Supplied material Block Start

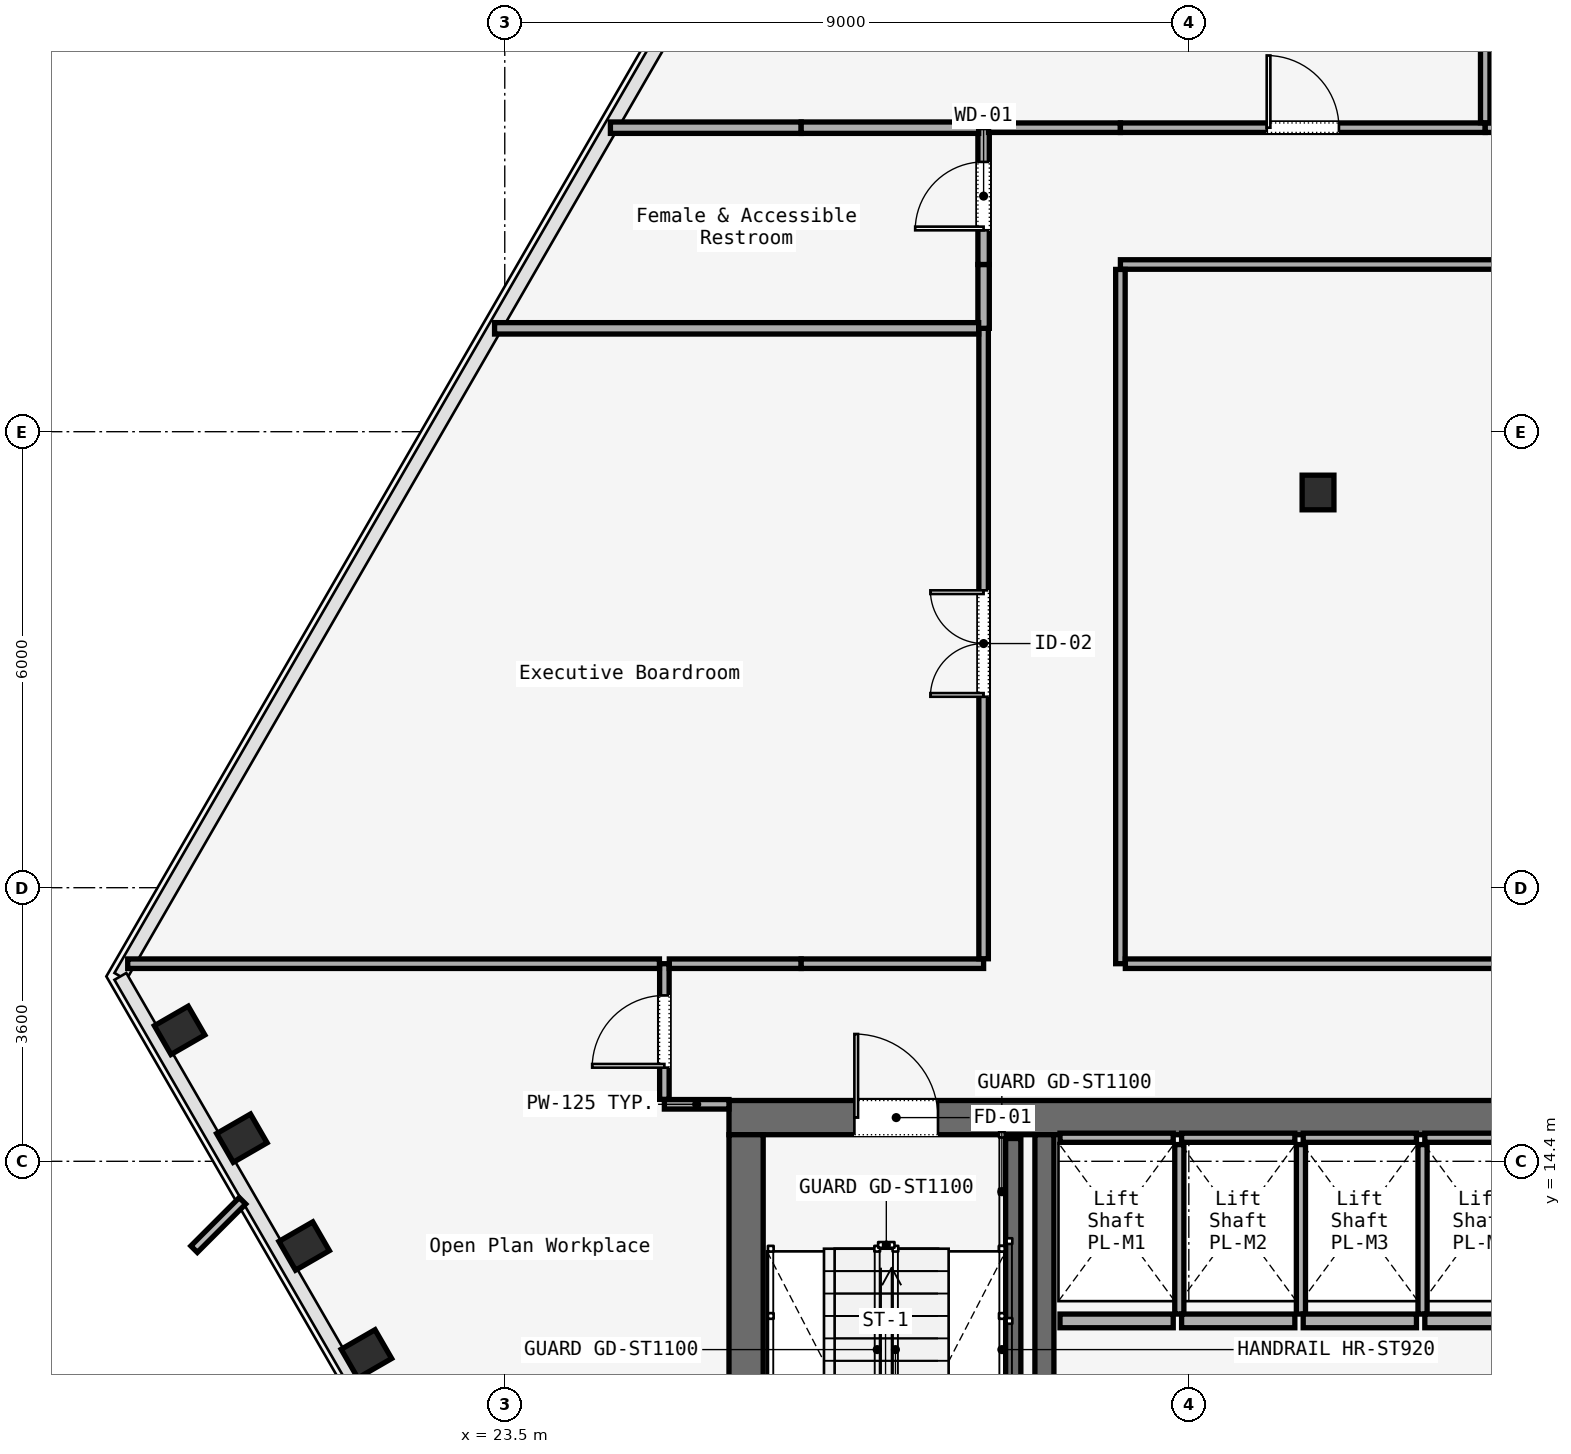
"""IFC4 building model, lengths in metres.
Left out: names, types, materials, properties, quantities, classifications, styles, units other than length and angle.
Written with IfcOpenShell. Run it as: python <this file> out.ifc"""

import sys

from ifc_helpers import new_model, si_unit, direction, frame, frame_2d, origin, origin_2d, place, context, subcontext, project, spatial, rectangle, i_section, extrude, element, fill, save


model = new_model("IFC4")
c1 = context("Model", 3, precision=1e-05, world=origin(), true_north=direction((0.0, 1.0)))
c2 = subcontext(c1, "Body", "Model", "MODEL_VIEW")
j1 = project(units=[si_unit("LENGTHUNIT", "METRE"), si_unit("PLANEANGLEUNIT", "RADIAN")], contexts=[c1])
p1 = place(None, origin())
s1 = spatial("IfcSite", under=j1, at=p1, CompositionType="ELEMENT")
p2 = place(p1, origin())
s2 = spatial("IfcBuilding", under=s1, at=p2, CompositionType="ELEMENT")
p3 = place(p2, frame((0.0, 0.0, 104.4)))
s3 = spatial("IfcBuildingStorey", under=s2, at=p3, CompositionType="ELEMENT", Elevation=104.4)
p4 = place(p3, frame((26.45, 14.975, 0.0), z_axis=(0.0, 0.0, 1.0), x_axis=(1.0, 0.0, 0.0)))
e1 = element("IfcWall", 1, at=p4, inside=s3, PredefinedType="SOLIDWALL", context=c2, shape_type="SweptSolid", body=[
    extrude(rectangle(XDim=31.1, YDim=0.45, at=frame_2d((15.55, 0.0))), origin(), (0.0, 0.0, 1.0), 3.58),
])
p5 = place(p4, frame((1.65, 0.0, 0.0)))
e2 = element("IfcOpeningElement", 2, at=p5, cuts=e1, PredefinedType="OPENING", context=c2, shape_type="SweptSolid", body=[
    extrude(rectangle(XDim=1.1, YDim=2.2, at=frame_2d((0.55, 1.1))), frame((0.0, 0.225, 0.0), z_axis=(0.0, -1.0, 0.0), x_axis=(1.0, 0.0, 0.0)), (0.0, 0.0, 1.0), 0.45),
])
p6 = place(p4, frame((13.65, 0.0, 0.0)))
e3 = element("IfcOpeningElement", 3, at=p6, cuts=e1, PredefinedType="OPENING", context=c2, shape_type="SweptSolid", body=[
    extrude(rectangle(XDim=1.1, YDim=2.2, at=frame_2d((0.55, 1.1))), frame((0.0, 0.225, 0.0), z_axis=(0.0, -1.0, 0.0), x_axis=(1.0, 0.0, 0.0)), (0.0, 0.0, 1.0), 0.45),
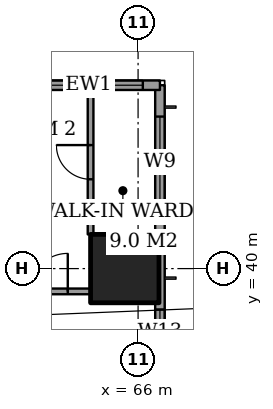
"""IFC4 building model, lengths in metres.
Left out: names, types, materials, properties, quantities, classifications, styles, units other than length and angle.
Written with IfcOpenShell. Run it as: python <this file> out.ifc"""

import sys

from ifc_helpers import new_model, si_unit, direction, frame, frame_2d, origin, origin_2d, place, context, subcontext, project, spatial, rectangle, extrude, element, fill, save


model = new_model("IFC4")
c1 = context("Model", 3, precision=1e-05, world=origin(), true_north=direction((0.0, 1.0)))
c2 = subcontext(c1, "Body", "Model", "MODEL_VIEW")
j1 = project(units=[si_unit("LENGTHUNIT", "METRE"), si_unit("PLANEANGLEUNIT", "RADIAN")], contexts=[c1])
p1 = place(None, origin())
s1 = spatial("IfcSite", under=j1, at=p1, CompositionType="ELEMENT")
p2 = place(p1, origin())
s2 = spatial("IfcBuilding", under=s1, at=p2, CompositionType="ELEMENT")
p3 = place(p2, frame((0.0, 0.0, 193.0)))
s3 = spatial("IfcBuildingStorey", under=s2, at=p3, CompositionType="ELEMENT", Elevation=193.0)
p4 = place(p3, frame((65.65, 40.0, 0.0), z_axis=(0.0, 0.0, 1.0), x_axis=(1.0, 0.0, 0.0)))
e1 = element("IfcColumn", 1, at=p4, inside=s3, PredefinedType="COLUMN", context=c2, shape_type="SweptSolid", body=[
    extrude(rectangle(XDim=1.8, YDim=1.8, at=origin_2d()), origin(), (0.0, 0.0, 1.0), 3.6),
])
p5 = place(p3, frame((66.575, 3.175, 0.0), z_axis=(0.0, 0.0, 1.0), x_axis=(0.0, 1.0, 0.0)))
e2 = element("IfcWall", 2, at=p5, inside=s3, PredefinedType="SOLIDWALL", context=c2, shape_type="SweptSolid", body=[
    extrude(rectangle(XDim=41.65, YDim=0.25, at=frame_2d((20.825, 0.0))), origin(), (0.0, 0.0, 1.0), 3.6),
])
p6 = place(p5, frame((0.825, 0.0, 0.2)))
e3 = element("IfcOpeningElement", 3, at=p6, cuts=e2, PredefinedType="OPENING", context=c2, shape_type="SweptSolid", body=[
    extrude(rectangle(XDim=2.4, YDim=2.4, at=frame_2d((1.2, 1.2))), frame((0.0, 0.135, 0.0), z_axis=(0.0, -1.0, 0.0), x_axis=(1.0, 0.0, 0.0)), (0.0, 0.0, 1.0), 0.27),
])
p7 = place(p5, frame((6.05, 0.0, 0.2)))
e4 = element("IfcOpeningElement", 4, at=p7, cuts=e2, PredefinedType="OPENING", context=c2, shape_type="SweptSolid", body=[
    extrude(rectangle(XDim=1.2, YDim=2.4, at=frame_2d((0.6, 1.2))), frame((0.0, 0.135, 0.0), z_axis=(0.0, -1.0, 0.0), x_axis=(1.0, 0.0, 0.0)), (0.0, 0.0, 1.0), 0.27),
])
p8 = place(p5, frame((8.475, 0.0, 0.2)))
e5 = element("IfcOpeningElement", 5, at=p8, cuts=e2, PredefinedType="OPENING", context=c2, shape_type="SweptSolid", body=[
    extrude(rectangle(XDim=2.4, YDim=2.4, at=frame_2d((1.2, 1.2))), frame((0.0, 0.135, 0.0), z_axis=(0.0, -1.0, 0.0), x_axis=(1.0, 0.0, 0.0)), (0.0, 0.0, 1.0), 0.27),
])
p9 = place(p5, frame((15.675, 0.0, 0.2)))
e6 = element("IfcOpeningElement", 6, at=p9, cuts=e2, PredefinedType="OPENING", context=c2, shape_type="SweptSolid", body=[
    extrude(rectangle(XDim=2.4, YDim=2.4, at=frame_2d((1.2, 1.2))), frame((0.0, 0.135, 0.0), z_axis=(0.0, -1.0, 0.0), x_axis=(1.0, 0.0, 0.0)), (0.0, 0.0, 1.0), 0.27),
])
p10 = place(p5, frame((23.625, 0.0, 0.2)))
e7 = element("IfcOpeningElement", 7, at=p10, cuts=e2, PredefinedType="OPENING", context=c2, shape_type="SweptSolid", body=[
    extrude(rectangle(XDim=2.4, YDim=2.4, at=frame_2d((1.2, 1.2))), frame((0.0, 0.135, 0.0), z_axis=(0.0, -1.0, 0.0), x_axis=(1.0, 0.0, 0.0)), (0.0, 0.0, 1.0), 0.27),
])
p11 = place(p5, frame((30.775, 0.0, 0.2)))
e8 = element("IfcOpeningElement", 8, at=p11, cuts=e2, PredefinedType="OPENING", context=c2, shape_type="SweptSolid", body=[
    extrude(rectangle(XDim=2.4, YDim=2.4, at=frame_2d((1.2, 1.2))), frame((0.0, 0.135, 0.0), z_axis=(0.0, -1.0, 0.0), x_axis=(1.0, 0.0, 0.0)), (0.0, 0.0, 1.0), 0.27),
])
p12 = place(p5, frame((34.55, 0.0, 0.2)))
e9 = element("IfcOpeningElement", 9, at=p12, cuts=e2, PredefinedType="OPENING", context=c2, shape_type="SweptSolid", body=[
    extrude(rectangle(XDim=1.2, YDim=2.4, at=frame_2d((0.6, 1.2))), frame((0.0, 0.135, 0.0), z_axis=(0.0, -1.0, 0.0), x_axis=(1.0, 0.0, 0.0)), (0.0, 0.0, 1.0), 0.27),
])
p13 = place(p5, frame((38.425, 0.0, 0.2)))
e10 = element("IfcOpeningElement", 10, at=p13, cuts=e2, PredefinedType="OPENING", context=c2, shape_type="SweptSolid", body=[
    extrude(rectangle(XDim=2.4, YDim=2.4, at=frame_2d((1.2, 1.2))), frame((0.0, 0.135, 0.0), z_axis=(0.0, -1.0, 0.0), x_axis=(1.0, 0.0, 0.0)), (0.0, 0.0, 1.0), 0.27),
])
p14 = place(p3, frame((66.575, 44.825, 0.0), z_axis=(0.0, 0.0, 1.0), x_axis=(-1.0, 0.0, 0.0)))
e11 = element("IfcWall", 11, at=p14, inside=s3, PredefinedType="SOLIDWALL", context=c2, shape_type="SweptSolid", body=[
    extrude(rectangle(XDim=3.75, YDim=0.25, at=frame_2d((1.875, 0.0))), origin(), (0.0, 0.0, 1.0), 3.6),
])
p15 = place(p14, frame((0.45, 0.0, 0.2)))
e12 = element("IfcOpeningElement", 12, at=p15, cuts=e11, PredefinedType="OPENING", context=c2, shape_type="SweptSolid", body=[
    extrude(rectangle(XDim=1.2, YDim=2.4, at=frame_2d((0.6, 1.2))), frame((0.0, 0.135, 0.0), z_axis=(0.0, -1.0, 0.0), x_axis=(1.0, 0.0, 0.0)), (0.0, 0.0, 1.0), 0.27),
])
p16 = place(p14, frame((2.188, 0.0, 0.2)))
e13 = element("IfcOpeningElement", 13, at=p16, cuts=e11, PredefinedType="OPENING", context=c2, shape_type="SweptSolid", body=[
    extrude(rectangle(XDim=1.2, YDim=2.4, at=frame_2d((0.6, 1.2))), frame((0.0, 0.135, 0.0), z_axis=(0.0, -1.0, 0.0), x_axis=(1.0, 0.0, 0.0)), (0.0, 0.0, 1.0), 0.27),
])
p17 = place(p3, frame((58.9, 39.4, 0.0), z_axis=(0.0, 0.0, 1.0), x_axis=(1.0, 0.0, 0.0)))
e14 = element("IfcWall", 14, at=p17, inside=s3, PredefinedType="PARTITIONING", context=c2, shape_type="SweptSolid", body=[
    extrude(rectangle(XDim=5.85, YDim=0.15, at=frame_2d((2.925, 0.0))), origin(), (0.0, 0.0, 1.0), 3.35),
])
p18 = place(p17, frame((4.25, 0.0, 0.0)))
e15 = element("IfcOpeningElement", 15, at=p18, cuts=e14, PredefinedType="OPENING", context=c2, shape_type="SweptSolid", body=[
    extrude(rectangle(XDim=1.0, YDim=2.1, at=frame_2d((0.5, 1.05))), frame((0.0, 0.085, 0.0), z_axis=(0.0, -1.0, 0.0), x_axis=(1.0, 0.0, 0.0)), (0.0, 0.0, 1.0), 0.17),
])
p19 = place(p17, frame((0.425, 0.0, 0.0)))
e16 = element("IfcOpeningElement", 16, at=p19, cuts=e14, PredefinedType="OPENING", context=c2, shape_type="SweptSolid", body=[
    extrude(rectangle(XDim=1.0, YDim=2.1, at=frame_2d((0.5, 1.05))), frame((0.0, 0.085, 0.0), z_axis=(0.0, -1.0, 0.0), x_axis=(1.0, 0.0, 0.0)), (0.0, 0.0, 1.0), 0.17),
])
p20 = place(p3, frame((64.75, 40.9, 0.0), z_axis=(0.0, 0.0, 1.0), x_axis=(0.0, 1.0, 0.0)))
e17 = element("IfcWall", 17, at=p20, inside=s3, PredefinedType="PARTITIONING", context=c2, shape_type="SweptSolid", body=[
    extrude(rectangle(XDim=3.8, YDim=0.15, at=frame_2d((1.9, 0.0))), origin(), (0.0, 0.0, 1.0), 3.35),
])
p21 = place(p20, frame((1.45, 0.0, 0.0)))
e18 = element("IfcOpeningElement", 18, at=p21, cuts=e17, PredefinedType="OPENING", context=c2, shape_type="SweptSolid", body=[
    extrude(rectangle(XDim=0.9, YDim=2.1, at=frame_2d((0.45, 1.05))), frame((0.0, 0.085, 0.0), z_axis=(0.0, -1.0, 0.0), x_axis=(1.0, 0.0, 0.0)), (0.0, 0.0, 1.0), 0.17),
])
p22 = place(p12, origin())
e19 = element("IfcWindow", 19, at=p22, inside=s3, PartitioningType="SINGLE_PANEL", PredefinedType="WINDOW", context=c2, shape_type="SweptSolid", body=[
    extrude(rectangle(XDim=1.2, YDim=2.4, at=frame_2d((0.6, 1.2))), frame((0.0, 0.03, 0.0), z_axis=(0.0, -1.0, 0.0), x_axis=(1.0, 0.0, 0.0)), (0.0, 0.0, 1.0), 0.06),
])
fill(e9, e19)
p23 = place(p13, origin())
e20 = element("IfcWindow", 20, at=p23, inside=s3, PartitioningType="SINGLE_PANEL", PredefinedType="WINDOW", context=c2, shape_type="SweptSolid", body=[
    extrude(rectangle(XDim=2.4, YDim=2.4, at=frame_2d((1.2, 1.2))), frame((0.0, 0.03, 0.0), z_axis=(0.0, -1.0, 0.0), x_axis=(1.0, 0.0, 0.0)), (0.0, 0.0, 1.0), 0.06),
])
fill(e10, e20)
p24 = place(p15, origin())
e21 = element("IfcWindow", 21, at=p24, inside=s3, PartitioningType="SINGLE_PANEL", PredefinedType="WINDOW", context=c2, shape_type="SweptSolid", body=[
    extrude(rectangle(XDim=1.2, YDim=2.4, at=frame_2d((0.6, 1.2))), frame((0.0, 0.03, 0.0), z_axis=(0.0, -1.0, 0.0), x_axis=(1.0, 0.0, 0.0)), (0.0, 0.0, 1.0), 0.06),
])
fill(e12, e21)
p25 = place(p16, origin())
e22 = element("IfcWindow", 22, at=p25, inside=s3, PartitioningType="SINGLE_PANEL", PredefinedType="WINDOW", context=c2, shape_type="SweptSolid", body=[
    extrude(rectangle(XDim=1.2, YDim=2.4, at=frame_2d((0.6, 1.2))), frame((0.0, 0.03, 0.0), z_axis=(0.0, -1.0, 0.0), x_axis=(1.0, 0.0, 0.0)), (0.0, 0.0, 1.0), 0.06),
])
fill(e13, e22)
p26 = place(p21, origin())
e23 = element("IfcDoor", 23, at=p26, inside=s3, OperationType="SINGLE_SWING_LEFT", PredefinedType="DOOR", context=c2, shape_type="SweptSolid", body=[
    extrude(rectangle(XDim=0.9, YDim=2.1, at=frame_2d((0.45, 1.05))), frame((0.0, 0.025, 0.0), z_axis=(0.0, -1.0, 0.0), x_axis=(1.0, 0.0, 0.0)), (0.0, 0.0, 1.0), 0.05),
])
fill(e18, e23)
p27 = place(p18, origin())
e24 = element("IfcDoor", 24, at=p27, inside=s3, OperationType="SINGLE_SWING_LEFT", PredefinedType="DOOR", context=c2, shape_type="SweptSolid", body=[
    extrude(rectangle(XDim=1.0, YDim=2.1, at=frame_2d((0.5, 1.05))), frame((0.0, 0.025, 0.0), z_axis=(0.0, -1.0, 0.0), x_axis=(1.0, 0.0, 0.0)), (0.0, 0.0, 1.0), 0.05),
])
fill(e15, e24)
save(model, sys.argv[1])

Supplied material Block End

• Exercise prompt
Write out, word for word, the line containing "p27 = place(p18, origin())" and all the lines after it in the entries above, and nothing more.

• Exercise response
p27 = place(p18, origin())
e24 = element("IfcDoor", 24, at=p27, inside=s3, OperationType="SINGLE_SWING_LEFT", PredefinedType="DOOR", context=c2, shape_type="SweptSolid", body=[
    extrude(rectangle(XDim=1.0, YDim=2.1, at=frame_2d((0.5, 1.05))), frame((0.0, 0.025, 0.0), z_axis=(0.0, -1.0, 0.0), x_axis=(1.0, 0.0, 0.0)), (0.0, 0.0, 1.0), 0.05),
])
fill(e15, e24)
save(model, sys.argv[1])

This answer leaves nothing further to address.